■ **Data under study**:

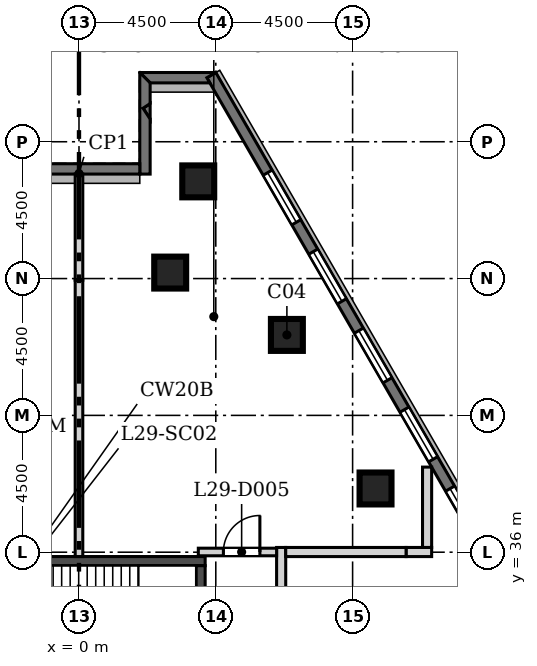
"""IFC4 building model, lengths in metres.
Left out: names, types, materials, properties, quantities, classifications, styles, units other than length and angle.
Written with IfcOpenShell. Run it as: python <this file> out.ifc"""

import sys

from ifc_helpers import new_model, si_unit, direction, frame, frame_2d, origin, origin_2d, place, context, subcontext, project, spatial, polyline, rectangle, outline, extrude, element, fill, save


model = new_model("IFC4")
c1 = context("Model", 3, precision=1e-05, world=origin(), true_north=direction((0.0, 1.0)))
c2 = subcontext(c1, "Body", "Model", "MODEL_VIEW")
j1 = project(units=[si_unit("LENGTHUNIT", "METRE"), si_unit("PLANEANGLEUNIT", "RADIAN")], contexts=[c1])
p1 = place(None, origin())
s1 = spatial("IfcSite", under=j1, at=p1, CompositionType="ELEMENT")
p2 = place(p1, origin())
s2 = spatial("IfcBuilding", under=s1, at=p2, CompositionType="ELEMENT")
p3 = place(p2, frame((0.0, 0.0, 132.1)))
s3 = spatial("IfcBuildingStorey", under=s2, at=p3, CompositionType="ELEMENT", Elevation=132.1)
for number, where, z_axis, x_axis in (
    (1, (9.754, 38.096, 0.0), (0.0, 0.0, 1.0), (1.0, 0.0, 0.0)),
    (2, (6.838, 43.146, 0.0), (0.0, 0.0, 1.0), (1.0, 0.0, 0.0)),
    (3, (3.923, 48.197, 0.0), (0.0, 0.0, 1.0), (1.0, 0.0, 0.0)),
    (4, (3.0, 45.197, 0.0), (0.0, 0.0, 1.0), (1.0, 0.0, 0.0)),
):
    element("IfcColumn", number, at=place(p3, frame(where, z_axis=z_axis, x_axis=x_axis)), inside=s3, PredefinedType="COLUMN", context=c2, shape_type="SweptSolid", body=[
        extrude(rectangle(XDim=1.05, YDim=1.05, at=origin_2d()), origin(), (0.0, 0.0, 1.0), 5.4),
    ])
p4 = place(p3, frame((29.746, 7.709, 0.0), z_axis=(0.0, 0.0, 1.0), x_axis=(-0.500000700546, 0.866024999324, 0.0)))
e5 = element("IfcWall", 5, at=p4, inside=s3, PredefinedType="SOLIDWALL", context=c2, shape_type="SweptSolid", body=[
    extrude(rectangle(XDim=50.787, YDim=0.34, at=frame_2d((25.393, 0.0))), origin(), (0.0, 0.0, 1.0), 5.0),
])
p5 = place(p4, frame((3.197, 0.0, 0.9)))
e6 = element("IfcOpeningElement", 6, at=p5, cuts=e5, PredefinedType="OPENING", context=c2, shape_type="SweptSolid", body=[
    extrude(rectangle(XDim=1.885, YDim=3.0, at=frame_2d((0.942, 1.5))), frame((0.0, 0.18, 0.0), z_axis=(0.0, -1.0, 0.0), x_axis=(1.0, 0.0, 0.0)), (0.0, 0.0, 1.0), 0.36),
])
p6 = place(p4, frame((6.197, 0.0, 0.9)))
e7 = element("IfcOpeningElement", 7, at=p6, cuts=e5, PredefinedType="OPENING", context=c2, shape_type="SweptSolid", body=[
    extrude(rectangle(XDim=1.885, YDim=3.0, at=frame_2d((0.942, 1.5))), frame((0.0, 0.18, 0.0), z_axis=(0.0, -1.0, 0.0), x_axis=(1.0, 0.0, 0.0)), (0.0, 0.0, 1.0), 0.36),
])
p7 = place(p4, frame((9.197, 0.0, 0.9)))
e8 = element("IfcOpeningElement", 8, at=p7, cuts=e5, PredefinedType="OPENING", context=c2, shape_type="SweptSolid", body=[
    extrude(rectangle(XDim=1.885, YDim=3.0, at=frame_2d((0.942, 1.5))), frame((0.0, 0.18, 0.0), z_axis=(0.0, -1.0, 0.0), x_axis=(1.0, 0.0, 0.0)), (0.0, 0.0, 1.0), 0.36),
])
p8 = place(p4, frame((12.197, 0.0, 0.9)))
e9 = element("IfcOpeningElement", 9, at=p8, cuts=e5, PredefinedType="OPENING", context=c2, shape_type="SweptSolid", body=[
    extrude(rectangle(XDim=1.885, YDim=3.0, at=frame_2d((0.942, 1.5))), frame((0.0, 0.18, 0.0), z_axis=(0.0, -1.0, 0.0), x_axis=(1.0, 0.0, 0.0)), (0.0, 0.0, 1.0), 0.36),
])
p9 = place(p4, frame((15.197, 0.0, 0.9)))
e10 = element("IfcOpeningElement", 10, at=p9, cuts=e5, PredefinedType="OPENING", context=c2, shape_type="SweptSolid", body=[
    extrude(rectangle(XDim=1.885, YDim=3.0, at=frame_2d((0.942, 1.5))), frame((0.0, 0.18, 0.0), z_axis=(0.0, -1.0, 0.0), x_axis=(1.0, 0.0, 0.0)), (0.0, 0.0, 1.0), 0.36),
])
p10 = place(p4, frame((18.197, 0.0, 0.9)))
e11 = element("IfcOpeningElement", 11, at=p10, cuts=e5, PredefinedType="OPENING", context=c2, shape_type="SweptSolid", body=[
    extrude(rectangle(XDim=1.885, YDim=3.0, at=frame_2d((0.942, 1.5))), frame((0.0, 0.18, 0.0), z_axis=(0.0, -1.0, 0.0), x_axis=(1.0, 0.0, 0.0)), (0.0, 0.0, 1.0), 0.36),
])
p11 = place(p4, frame((21.197, 0.0, 0.9)))
e12 = element("IfcOpeningElement", 12, at=p11, cuts=e5, PredefinedType="OPENING", context=c2, shape_type="SweptSolid", body=[
    extrude(rectangle(XDim=1.885, YDim=3.0, at=frame_2d((0.942, 1.5))), frame((0.0, 0.18, 0.0), z_axis=(0.0, -1.0, 0.0), x_axis=(1.0, 0.0, 0.0)), (0.0, 0.0, 1.0), 0.36),
])
p12 = place(p4, frame((24.197, 0.0, 0.9)))
e13 = element("IfcOpeningElement", 13, at=p12, cuts=e5, PredefinedType="OPENING", context=c2, shape_type="SweptSolid", body=[
    extrude(rectangle(XDim=1.885, YDim=3.0, at=frame_2d((0.942, 1.5))), frame((0.0, 0.18, 0.0), z_axis=(0.0, -1.0, 0.0), x_axis=(1.0, 0.0, 0.0)), (0.0, 0.0, 1.0), 0.36),
])
p13 = place(p4, frame((27.197, 0.0, 0.9)))
e14 = element("IfcOpeningElement", 14, at=p13, cuts=e5, PredefinedType="OPENING", context=c2, shape_type="SweptSolid", body=[
    extrude(rectangle(XDim=1.885, YDim=3.0, at=frame_2d((0.942, 1.5))), frame((0.0, 0.18, 0.0), z_axis=(0.0, -1.0, 0.0), x_axis=(1.0, 0.0, 0.0)), (0.0, 0.0, 1.0), 0.36),
])
p14 = place(p4, frame((30.197, 0.0, 0.9)))
e15 = element("IfcOpeningElement", 15, at=p14, cuts=e5, PredefinedType="OPENING", context=c2, shape_type="SweptSolid", body=[
    extrude(rectangle(XDim=1.885, YDim=3.0, at=frame_2d((0.942, 1.5))), frame((0.0, 0.18, 0.0), z_axis=(0.0, -1.0, 0.0), x_axis=(1.0, 0.0, 0.0)), (0.0, 0.0, 1.0), 0.36),
])
p15 = place(p4, frame((33.197, 0.0, 0.9)))
e16 = element("IfcOpeningElement", 16, at=p15, cuts=e5, PredefinedType="OPENING", context=c2, shape_type="SweptSolid", body=[
    extrude(rectangle(XDim=1.885, YDim=3.0, at=frame_2d((0.942, 1.5))), frame((0.0, 0.18, 0.0), z_axis=(0.0, -1.0, 0.0), x_axis=(1.0, 0.0, 0.0)), (0.0, 0.0, 1.0), 0.36),
])
p16 = place(p4, frame((36.197, 0.0, 0.9)))
e17 = element("IfcOpeningElement", 17, at=p16, cuts=e5, PredefinedType="OPENING", context=c2, shape_type="SweptSolid", body=[
    extrude(rectangle(XDim=1.885, YDim=3.0, at=frame_2d((0.942, 1.5))), frame((0.0, 0.18, 0.0), z_axis=(0.0, -1.0, 0.0), x_axis=(1.0, 0.0, 0.0)), (0.0, 0.0, 1.0), 0.36),
])
p17 = place(p4, frame((39.197, 0.0, 0.9)))
e18 = element("IfcOpeningElement", 18, at=p17, cuts=e5, PredefinedType="OPENING", context=c2, shape_type="SweptSolid", body=[
    extrude(rectangle(XDim=1.885, YDim=3.0, at=frame_2d((0.942, 1.5))), frame((0.0, 0.18, 0.0), z_axis=(0.0, -1.0, 0.0), x_axis=(1.0, 0.0, 0.0)), (0.0, 0.0, 1.0), 0.36),
])
p18 = place(p4, frame((42.197, 0.0, 0.9)))
e19 = element("IfcOpeningElement", 19, at=p18, cuts=e5, PredefinedType="OPENING", context=c2, shape_type="SweptSolid", body=[
    extrude(rectangle(XDim=1.885, YDim=3.0, at=frame_2d((0.942, 1.5))), frame((0.0, 0.18, 0.0), z_axis=(0.0, -1.0, 0.0), x_axis=(1.0, 0.0, 0.0)), (0.0, 0.0, 1.0), 0.36),
])
p19 = place(p4, frame((45.197, 0.0, 0.9)))
e20 = element("IfcOpeningElement", 20, at=p19, cuts=e5, PredefinedType="OPENING", context=c2, shape_type="SweptSolid", body=[
    extrude(rectangle(XDim=1.885, YDim=3.0, at=frame_2d((0.942, 1.5))), frame((0.0, 0.18, 0.0), z_axis=(0.0, -1.0, 0.0), x_axis=(1.0, 0.0, 0.0)), (0.0, 0.0, 1.0), 0.36),
])
p20 = place(p3, origin())
e21 = element("IfcWall", 21, at=p20, inside=s3, PredefinedType="SOLIDWALL", context=c2, shape_type="SweptSolid", body=[
    extrude(outline(polyline([(1.999, 51.777), (4.501, 51.777), (4.501, 51.777), (4.206, 51.606), (4.305, 51.436), (2.34, 51.436), (1.999, 51.777), (1.999, 51.777)])), origin(), (0.0, 0.0, 1.0), 5.0),
])
p21 = place(p3, origin())
e22 = element("IfcWall", 22, at=p21, inside=s3, PredefinedType="SOLIDWALL", context=c2, shape_type="SweptSolid", body=[
    extrude(outline(polyline([(2.341, 50.246), (2.107, 50.602), (2.341, 50.755), (2.341, 50.246)])), origin(), (0.0, 0.0, 1.0), 4.4),
])
p22 = place(p3, origin())
e23 = element("IfcWall", 23, at=p22, inside=s3, PredefinedType="SOLIDWALL", context=c2, shape_type="SweptSolid", body=[
    extrude(outline(polyline([(2.0, 48.436), (2.0, 51.778), (2.0, 51.778), (2.341, 51.437), (2.341, 50.755), (2.107, 50.602), (2.341, 50.246), (2.341, 48.436), (2.0, 48.436)])), origin(), (0.0, 0.0, 1.0), 5.0),
])
p23 = place(p3, frame((2.0, 48.607, 0.0), z_axis=(0.0, 0.0, 1.0), x_axis=(-1.0, 0.0, 0.0)))
e24 = element("IfcWall", 24, at=p23, inside=s3, PredefinedType="SOLIDWALL", context=c2, shape_type="SweptSolid", body=[
    extrude(rectangle(XDim=4.0, YDim=0.34, at=frame_2d((2.0, 0.0))), origin(), (0.0, 0.0, 1.0), 5.0),
])
p24 = place(p3, frame((-4.15, 35.707, -0.4), z_axis=(0.0, 0.0, 1.0), x_axis=(1.0, 0.0, 0.0)))
e25 = element("IfcWall", 25, at=p24, inside=s3, PredefinedType="SOLIDWALL", context=c2, shape_type="SweptSolid", body=[
    extrude(rectangle(XDim=8.3, YDim=0.3, at=frame_2d((4.15, 0.0))), origin(), (0.0, 0.0, 1.0), 5.4),
])
p25 = place(p3, frame((4.0, 29.057, -0.4), z_axis=(0.0, 0.0, 1.0), x_axis=(0.0, 1.0, 0.0)))
e26 = element("IfcWall", 26, at=p25, inside=s3, PredefinedType="SOLIDWALL", context=c2, shape_type="SweptSolid", body=[
    extrude(rectangle(XDim=6.5, YDim=0.3, at=frame_2d((3.25, 0.0))), origin(), (0.0, 0.0, 1.0), 5.4),
])
p26 = place(p3, frame((6.65, 36.156, 0.0), z_axis=(0.0, 0.0, 1.0), x_axis=(0.0, -1.0, 0.0)))
e27 = element("IfcWall", 27, at=p26, inside=s3, PredefinedType="SOLIDWALL", context=c2, shape_type="SweptSolid", body=[
    extrude(rectangle(XDim=13.357, YDim=0.3, at=frame_2d((6.678, 0.0))), origin(), (0.0, 0.0, 1.0), 5.0),
])
p27 = place(p3, frame((0.0, 48.437, 0.0), z_axis=(0.0, 0.0, 1.0), x_axis=(0.0, -1.0, 0.0)))
e28 = element("IfcWall", 28, at=p27, inside=s3, PredefinedType="SOLIDWALL", context=c2, shape_type="SweptSolid", body=[
    extrude(rectangle(XDim=3.49, YDim=0.25, at=frame_2d((1.745, 0.0))), origin(), (0.0, 0.0, 1.0), 5.0),
])
p28 = place(p3, frame((11.6, 36.006, 0.0), z_axis=(0.0, 0.0, 1.0), x_axis=(-1.0, 0.0, 0.0)))
e29 = element("IfcWall", 29, at=p28, inside=s3, PredefinedType="SOLIDWALL", context=c2, shape_type="SweptSolid", body=[
    extrude(rectangle(XDim=0.842, YDim=0.3, at=frame_2d((0.421, 0.0))), origin(), (0.0, 0.0, 1.0), 5.0),
])
p29 = place(p3, frame((11.45, 38.799, 0.0), z_axis=(0.0, 0.0, 1.0), x_axis=(0.0, -1.0, 0.0)))
e30 = element("IfcWall", 30, at=p29, inside=s3, PredefinedType="SOLIDWALL", context=c2, shape_type="SweptSolid", body=[
    extrude(rectangle(XDim=2.643, YDim=0.3, at=frame_2d((1.322, 0.0))), origin(), (0.0, 0.0, 1.0), 5.0),
])
p30 = place(p3, frame((3.925, 36.007, 0.0), z_axis=(0.0, 0.0, 1.0), x_axis=(1.0, 0.0, 0.0)))
e31 = element("IfcWall", 31, at=p30, inside=s3, PredefinedType="SOLIDWALL", context=c2, shape_type="SweptSolid", body=[
    extrude(rectangle(XDim=2.575, YDim=0.25, at=frame_2d((1.288, 0.0))), origin(), (0.0, 0.0, 1.0), 4.1),
])
p31 = place(p30, frame((0.825, 0.0, 0.0)))
e32 = element("IfcOpeningElement", 32, at=p31, cuts=e31, PredefinedType="OPENING", context=c2, shape_type="SweptSolid", body=[
    extrude(rectangle(XDim=1.2, YDim=2.1, at=frame_2d((0.6, 1.05))), frame((0.0, 0.135, 0.0), z_axis=(0.0, -1.0, 0.0), x_axis=(1.0, 0.0, 0.0)), (0.0, 0.0, 1.0), 0.27),
])
p32 = place(p3, frame((0.0, 44.947, 0.0), z_axis=(0.0, 0.0, 1.0), x_axis=(0.0, -1.0, 0.0)))
e33 = element("IfcWall", 33, at=p32, inside=s3, PredefinedType="SOLIDWALL", context=c2, shape_type="SweptSolid", body=[
    extrude(rectangle(XDim=9.09, YDim=0.25, at=frame_2d((4.545, 0.0))), origin(), (0.0, 0.0, 1.0), 4.25),
])
p33 = place(p3, frame((10.758, 36.006, 0.0), z_axis=(0.0, 0.0, 1.0), x_axis=(-1.0, 0.0, 0.0)))
e34 = element("IfcWall", 34, at=p33, inside=s3, PredefinedType="SOLIDWALL", context=c2, shape_type="SweptSolid", body=[
    extrude(rectangle(XDim=3.958, YDim=0.3, at=frame_2d((1.979, 0.0))), origin(), (0.0, 0.0, 1.0), 4.1),
])
p34 = place(p15, origin())
e35 = element("IfcWindow", 35, at=p34, inside=s3, PartitioningType="SINGLE_PANEL", PredefinedType="WINDOW", context=c2, shape_type="SweptSolid", body=[
    extrude(rectangle(XDim=1.885, YDim=3.0, at=frame_2d((0.942, 1.5))), frame((0.0, 0.11, 0.0), z_axis=(0.0, -1.0, 0.0), x_axis=(1.0, 0.0, 0.0)), (0.0, 0.0, 1.0), 0.06),
])
fill(e16, e35)
p35 = place(p16, origin())
e36 = element("IfcWindow", 36, at=p35, inside=s3, PartitioningType="SINGLE_PANEL", PredefinedType="WINDOW", context=c2, shape_type="SweptSolid", body=[
    extrude(rectangle(XDim=1.885, YDim=3.0, at=frame_2d((0.942, 1.5))), frame((0.0, 0.11, 0.0), z_axis=(0.0, -1.0, 0.0), x_axis=(1.0, 0.0, 0.0)), (0.0, 0.0, 1.0), 0.06),
])
fill(e17, e36)
p36 = place(p17, origin())
e37 = element("IfcWindow", 37, at=p36, inside=s3, PartitioningType="SINGLE_PANEL", PredefinedType="WINDOW", context=c2, shape_type="SweptSolid", body=[
    extrude(rectangle(XDim=1.885, YDim=3.0, at=frame_2d((0.942, 1.5))), frame((0.0, 0.11, 0.0), z_axis=(0.0, -1.0, 0.0), x_axis=(1.0, 0.0, 0.0)), (0.0, 0.0, 1.0), 0.06),
])
fill(e18, e37)
p37 = place(p18, origin())
e38 = element("IfcWindow", 38, at=p37, inside=s3, PartitioningType="SINGLE_PANEL", PredefinedType="WINDOW", context=c2, shape_type="SweptSolid", body=[
    extrude(rectangle(XDim=1.885, YDim=3.0, at=frame_2d((0.942, 1.5))), frame((0.0, 0.11, 0.0), z_axis=(0.0, -1.0, 0.0), x_axis=(1.0, 0.0, 0.0)), (0.0, 0.0, 1.0), 0.06),
])
fill(e19, e38)
p38 = place(p19, origin())
e39 = element("IfcWindow", 39, at=p38, inside=s3, PartitioningType="SINGLE_PANEL", PredefinedType="WINDOW", context=c2, shape_type="SweptSolid", body=[
    extrude(rectangle(XDim=1.885, YDim=3.0, at=frame_2d((0.942, 1.5))), frame((0.0, 0.11, 0.0), z_axis=(0.0, -1.0, 0.0), x_axis=(1.0, 0.0, 0.0)), (0.0, 0.0, 1.0), 0.06),
])
fill(e20, e39)
p39 = place(p31, origin())
e40 = element("IfcDoor", 40, at=p39, inside=s3, OperationType="SINGLE_SWING_RIGHT", PredefinedType="DOOR", context=c2, shape_type="SweptSolid", body=[
    extrude(rectangle(XDim=1.2, YDim=2.1, at=frame_2d((0.6, 1.05))), frame((0.0, 0.025, 0.0), z_axis=(0.0, -1.0, 0.0), x_axis=(1.0, 0.0, 0.0)), (0.0, 0.0, 1.0), 0.05),
])
fill(e32, e40)
save(model, sys.argv[1])

■ **The problem**:
Every line above that holds the string "fill" should be copied out.

■ **Solution for this task**:
from ifc_helpers import new_model, si_unit, direction, frame, frame_2d, origin, origin_2d, place, context, subcontext, project, spatial, polyline, rectangle, outline, extrude, element, fill, save
fill(e16, e35)
fill(e17, e36)
fill(e18, e37)
fill(e19, e38)
fill(e20, e39)
fill(e32, e40)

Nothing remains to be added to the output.